── DATASET CONTENT ──

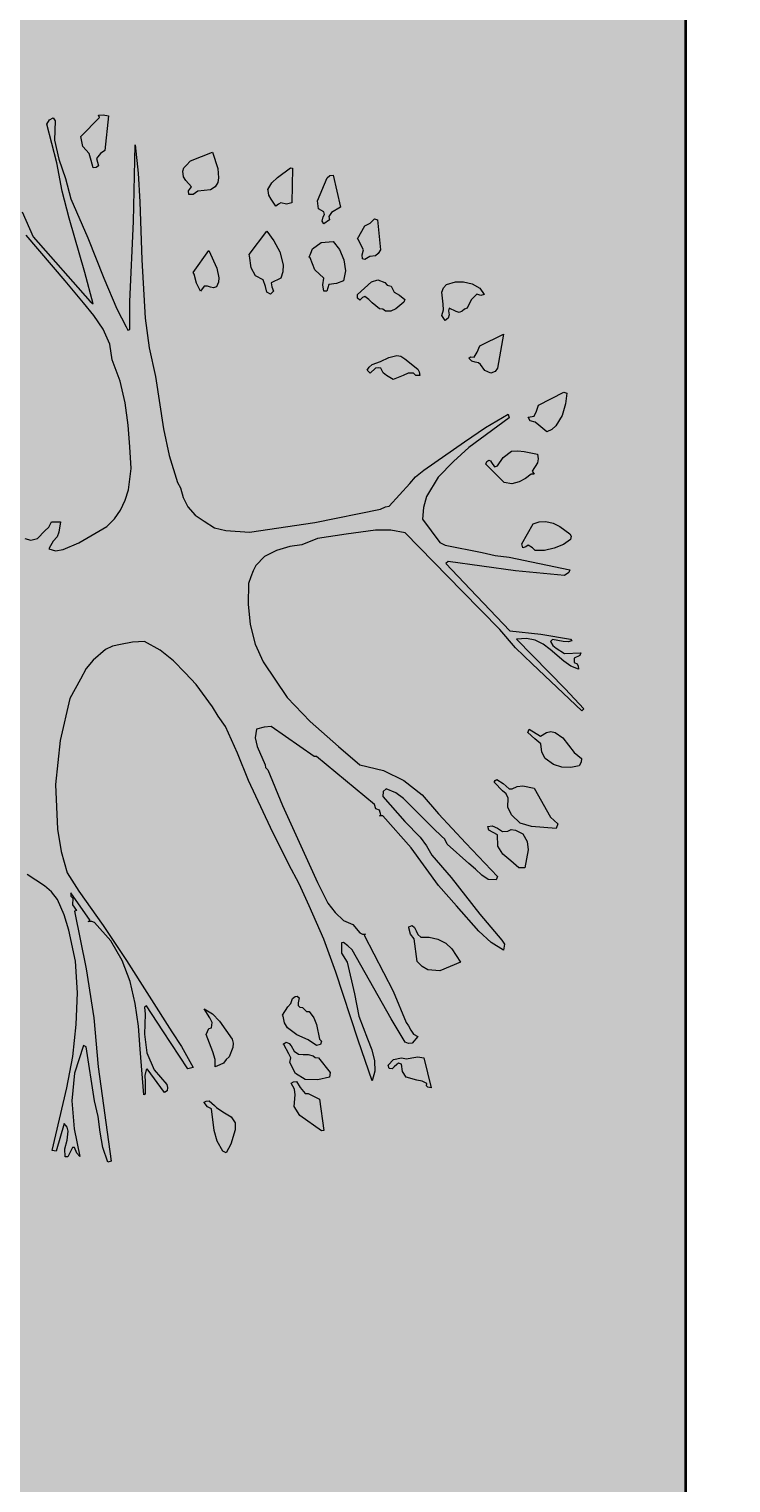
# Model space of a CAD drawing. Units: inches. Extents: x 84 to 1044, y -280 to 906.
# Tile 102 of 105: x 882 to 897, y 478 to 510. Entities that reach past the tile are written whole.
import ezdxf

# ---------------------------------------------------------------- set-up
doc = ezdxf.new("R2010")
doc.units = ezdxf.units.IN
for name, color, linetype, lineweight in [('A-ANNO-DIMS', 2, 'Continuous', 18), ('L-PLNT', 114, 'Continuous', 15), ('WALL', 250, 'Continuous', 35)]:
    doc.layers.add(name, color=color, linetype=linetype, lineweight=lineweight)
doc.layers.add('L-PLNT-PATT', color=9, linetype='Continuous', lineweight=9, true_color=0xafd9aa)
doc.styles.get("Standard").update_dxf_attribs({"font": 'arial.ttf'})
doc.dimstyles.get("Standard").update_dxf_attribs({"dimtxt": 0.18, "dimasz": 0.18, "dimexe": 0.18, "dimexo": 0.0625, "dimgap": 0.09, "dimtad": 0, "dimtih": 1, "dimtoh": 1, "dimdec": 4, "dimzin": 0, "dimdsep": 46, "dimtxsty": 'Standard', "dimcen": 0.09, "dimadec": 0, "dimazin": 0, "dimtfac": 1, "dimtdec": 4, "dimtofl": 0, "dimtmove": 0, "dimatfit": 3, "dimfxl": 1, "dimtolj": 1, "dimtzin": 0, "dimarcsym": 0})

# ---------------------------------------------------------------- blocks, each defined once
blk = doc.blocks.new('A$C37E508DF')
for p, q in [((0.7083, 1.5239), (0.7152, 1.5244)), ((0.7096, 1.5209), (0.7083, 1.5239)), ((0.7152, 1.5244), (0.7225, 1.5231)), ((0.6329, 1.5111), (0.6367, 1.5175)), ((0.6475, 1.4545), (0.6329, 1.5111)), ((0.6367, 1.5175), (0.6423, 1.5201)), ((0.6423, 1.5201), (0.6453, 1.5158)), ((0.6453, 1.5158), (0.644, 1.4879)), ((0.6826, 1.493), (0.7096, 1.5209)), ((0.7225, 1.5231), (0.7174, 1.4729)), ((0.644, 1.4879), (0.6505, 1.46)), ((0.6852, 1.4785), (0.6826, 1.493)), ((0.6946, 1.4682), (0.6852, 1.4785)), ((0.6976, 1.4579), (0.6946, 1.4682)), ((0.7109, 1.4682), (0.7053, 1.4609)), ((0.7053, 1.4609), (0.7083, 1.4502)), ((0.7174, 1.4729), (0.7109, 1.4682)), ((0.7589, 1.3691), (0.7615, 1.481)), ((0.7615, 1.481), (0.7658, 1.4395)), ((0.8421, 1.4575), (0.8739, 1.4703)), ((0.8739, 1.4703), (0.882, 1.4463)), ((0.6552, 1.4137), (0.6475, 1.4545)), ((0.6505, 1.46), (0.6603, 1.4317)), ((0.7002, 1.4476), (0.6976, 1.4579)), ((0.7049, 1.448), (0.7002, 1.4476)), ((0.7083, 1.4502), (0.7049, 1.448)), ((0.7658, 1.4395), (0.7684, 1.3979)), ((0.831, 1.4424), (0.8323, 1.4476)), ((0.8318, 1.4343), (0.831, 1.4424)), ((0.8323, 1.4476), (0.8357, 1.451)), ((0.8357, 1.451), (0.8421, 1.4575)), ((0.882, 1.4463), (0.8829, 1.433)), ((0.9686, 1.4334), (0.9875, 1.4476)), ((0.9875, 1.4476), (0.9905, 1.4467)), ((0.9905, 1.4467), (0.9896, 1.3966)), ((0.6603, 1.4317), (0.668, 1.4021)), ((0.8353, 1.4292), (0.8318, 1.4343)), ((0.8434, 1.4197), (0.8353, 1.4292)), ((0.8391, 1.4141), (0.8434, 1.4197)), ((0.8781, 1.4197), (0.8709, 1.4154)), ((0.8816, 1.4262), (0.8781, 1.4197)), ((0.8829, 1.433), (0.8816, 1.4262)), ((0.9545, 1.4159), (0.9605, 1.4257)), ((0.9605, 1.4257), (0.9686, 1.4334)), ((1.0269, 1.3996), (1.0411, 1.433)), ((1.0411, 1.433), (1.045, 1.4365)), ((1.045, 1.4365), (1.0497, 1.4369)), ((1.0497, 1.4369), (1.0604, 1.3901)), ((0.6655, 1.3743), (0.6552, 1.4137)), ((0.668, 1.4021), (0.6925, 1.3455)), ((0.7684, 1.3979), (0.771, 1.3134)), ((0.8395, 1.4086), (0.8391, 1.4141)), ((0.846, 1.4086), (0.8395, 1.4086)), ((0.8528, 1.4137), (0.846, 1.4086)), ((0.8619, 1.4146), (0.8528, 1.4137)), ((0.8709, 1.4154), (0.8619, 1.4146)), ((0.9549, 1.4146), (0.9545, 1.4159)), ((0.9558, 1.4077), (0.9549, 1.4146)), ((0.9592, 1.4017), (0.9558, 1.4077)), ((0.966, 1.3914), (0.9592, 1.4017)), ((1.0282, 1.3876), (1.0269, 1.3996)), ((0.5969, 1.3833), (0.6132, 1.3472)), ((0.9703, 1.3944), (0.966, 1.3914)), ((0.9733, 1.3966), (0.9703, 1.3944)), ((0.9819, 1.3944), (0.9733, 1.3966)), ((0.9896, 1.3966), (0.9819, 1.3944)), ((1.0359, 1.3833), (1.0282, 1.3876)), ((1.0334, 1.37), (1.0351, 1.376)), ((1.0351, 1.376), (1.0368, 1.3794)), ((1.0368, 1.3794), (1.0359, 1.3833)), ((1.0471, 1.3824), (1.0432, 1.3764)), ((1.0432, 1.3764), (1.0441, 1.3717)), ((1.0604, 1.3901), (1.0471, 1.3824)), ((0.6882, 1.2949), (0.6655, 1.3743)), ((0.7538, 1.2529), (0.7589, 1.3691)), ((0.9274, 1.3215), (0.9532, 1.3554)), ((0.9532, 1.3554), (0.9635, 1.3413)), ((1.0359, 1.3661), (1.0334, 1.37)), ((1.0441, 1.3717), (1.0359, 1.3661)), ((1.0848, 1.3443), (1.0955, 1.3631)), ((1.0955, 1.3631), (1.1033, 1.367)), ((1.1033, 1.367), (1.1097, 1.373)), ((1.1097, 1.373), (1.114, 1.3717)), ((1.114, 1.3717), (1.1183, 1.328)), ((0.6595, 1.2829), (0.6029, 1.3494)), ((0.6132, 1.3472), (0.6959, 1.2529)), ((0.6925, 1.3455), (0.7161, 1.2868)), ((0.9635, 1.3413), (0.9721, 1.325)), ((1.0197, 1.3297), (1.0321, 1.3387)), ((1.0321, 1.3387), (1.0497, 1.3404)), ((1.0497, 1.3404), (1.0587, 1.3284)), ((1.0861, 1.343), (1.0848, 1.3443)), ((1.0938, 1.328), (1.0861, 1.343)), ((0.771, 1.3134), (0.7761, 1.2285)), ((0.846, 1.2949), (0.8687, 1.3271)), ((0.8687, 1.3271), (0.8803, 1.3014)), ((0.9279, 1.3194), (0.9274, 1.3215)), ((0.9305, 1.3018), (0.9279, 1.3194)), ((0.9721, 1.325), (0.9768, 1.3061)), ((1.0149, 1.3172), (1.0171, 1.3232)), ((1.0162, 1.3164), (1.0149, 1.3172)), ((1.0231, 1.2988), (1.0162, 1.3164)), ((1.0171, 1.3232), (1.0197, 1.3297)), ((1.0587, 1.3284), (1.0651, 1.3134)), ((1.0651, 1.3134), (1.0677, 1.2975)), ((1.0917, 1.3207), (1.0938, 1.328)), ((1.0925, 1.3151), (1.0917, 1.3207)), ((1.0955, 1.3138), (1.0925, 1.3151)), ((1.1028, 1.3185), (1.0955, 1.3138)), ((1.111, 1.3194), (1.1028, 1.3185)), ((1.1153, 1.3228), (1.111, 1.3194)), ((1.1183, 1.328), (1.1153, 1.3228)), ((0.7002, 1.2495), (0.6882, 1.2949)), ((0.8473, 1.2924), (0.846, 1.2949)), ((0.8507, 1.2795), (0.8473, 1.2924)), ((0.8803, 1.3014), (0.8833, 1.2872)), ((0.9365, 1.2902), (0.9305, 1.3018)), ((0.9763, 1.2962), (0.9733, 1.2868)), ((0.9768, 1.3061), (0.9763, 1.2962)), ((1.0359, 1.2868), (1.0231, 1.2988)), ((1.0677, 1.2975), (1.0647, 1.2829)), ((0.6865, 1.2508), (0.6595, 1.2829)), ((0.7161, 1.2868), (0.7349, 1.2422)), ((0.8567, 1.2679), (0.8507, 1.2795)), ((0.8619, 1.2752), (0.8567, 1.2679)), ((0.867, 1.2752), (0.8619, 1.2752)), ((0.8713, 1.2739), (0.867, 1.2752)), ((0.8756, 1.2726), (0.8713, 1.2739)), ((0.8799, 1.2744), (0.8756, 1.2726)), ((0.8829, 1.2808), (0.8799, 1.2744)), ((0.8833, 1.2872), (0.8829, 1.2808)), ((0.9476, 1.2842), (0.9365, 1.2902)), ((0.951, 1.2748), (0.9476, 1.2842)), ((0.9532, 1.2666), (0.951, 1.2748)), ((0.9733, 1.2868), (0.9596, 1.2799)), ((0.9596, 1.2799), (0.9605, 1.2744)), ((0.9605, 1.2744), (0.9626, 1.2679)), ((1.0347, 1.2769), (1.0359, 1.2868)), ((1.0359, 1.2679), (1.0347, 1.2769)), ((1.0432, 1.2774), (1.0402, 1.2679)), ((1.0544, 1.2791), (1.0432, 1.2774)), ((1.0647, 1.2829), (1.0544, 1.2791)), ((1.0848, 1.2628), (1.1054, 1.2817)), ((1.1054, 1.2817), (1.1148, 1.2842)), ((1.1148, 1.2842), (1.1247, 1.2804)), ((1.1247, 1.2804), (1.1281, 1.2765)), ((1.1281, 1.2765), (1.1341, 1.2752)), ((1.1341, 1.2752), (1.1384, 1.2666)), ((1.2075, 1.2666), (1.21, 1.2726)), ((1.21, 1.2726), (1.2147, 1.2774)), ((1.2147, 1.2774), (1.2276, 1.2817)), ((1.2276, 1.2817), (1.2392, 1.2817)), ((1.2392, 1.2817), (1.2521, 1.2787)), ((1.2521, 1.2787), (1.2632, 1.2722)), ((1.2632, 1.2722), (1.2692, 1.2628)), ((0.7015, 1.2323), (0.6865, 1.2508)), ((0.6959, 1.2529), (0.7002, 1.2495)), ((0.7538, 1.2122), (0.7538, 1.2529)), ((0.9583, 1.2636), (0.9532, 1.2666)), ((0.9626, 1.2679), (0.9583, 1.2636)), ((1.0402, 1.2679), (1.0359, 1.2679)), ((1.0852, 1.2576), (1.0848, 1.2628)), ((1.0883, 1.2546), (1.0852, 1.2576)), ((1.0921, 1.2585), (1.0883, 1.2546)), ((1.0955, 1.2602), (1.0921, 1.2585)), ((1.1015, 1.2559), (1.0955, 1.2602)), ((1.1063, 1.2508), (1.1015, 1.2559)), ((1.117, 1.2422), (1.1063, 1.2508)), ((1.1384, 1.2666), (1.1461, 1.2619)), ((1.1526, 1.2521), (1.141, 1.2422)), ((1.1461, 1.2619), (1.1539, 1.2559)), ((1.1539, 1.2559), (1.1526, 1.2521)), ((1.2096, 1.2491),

───

WHAT THE TASK ASKS
Would you retype exactly the lines above, from the line with "for name, color, linetype, lineweight" to the line with "blk = doc.blocks.new('A$C37E508DF')", with both end lines kept and nothing more?

SOLUTION FOR THIS TASK
for name, color, linetype, lineweight in [('A-ANNO-DIMS', 2, 'Continuous', 18), ('L-PLNT', 114, 'Continuous', 15), ('WALL', 250, 'Continuous', 35)]:
    doc.layers.add(name, color=color, linetype=linetype, lineweight=lineweight)
doc.layers.add('L-PLNT-PATT', color=9, linetype='Continuous', lineweight=9, true_color=0xafd9aa)
doc.styles.get("Standard").update_dxf_attribs({"font": 'arial.ttf'})
doc.dimstyles.get("Standard").update_dxf_attribs({"dimtxt": 0.18, "dimasz": 0.18, "dimexe": 0.18, "dimexo": 0.0625, "dimgap": 0.09, "dimtad": 0, "dimtih": 1, "dimtoh": 1, "dimdec": 4, "dimzin": 0, "dimdsep": 46, "dimtxsty": 'Standard', "dimcen": 0.09, "dimadec": 0, "dimazin": 0, "dimtfac": 1, "dimtdec": 4, "dimtofl": 0, "dimtmove": 0, "dimatfit": 3, "dimfxl": 1, "dimtolj": 1, "dimtzin": 0, "dimarcsym": 0})

# ---------------------------------------------------------------- blocks, each defined once
blk = doc.blocks.new('A$C37E508DF')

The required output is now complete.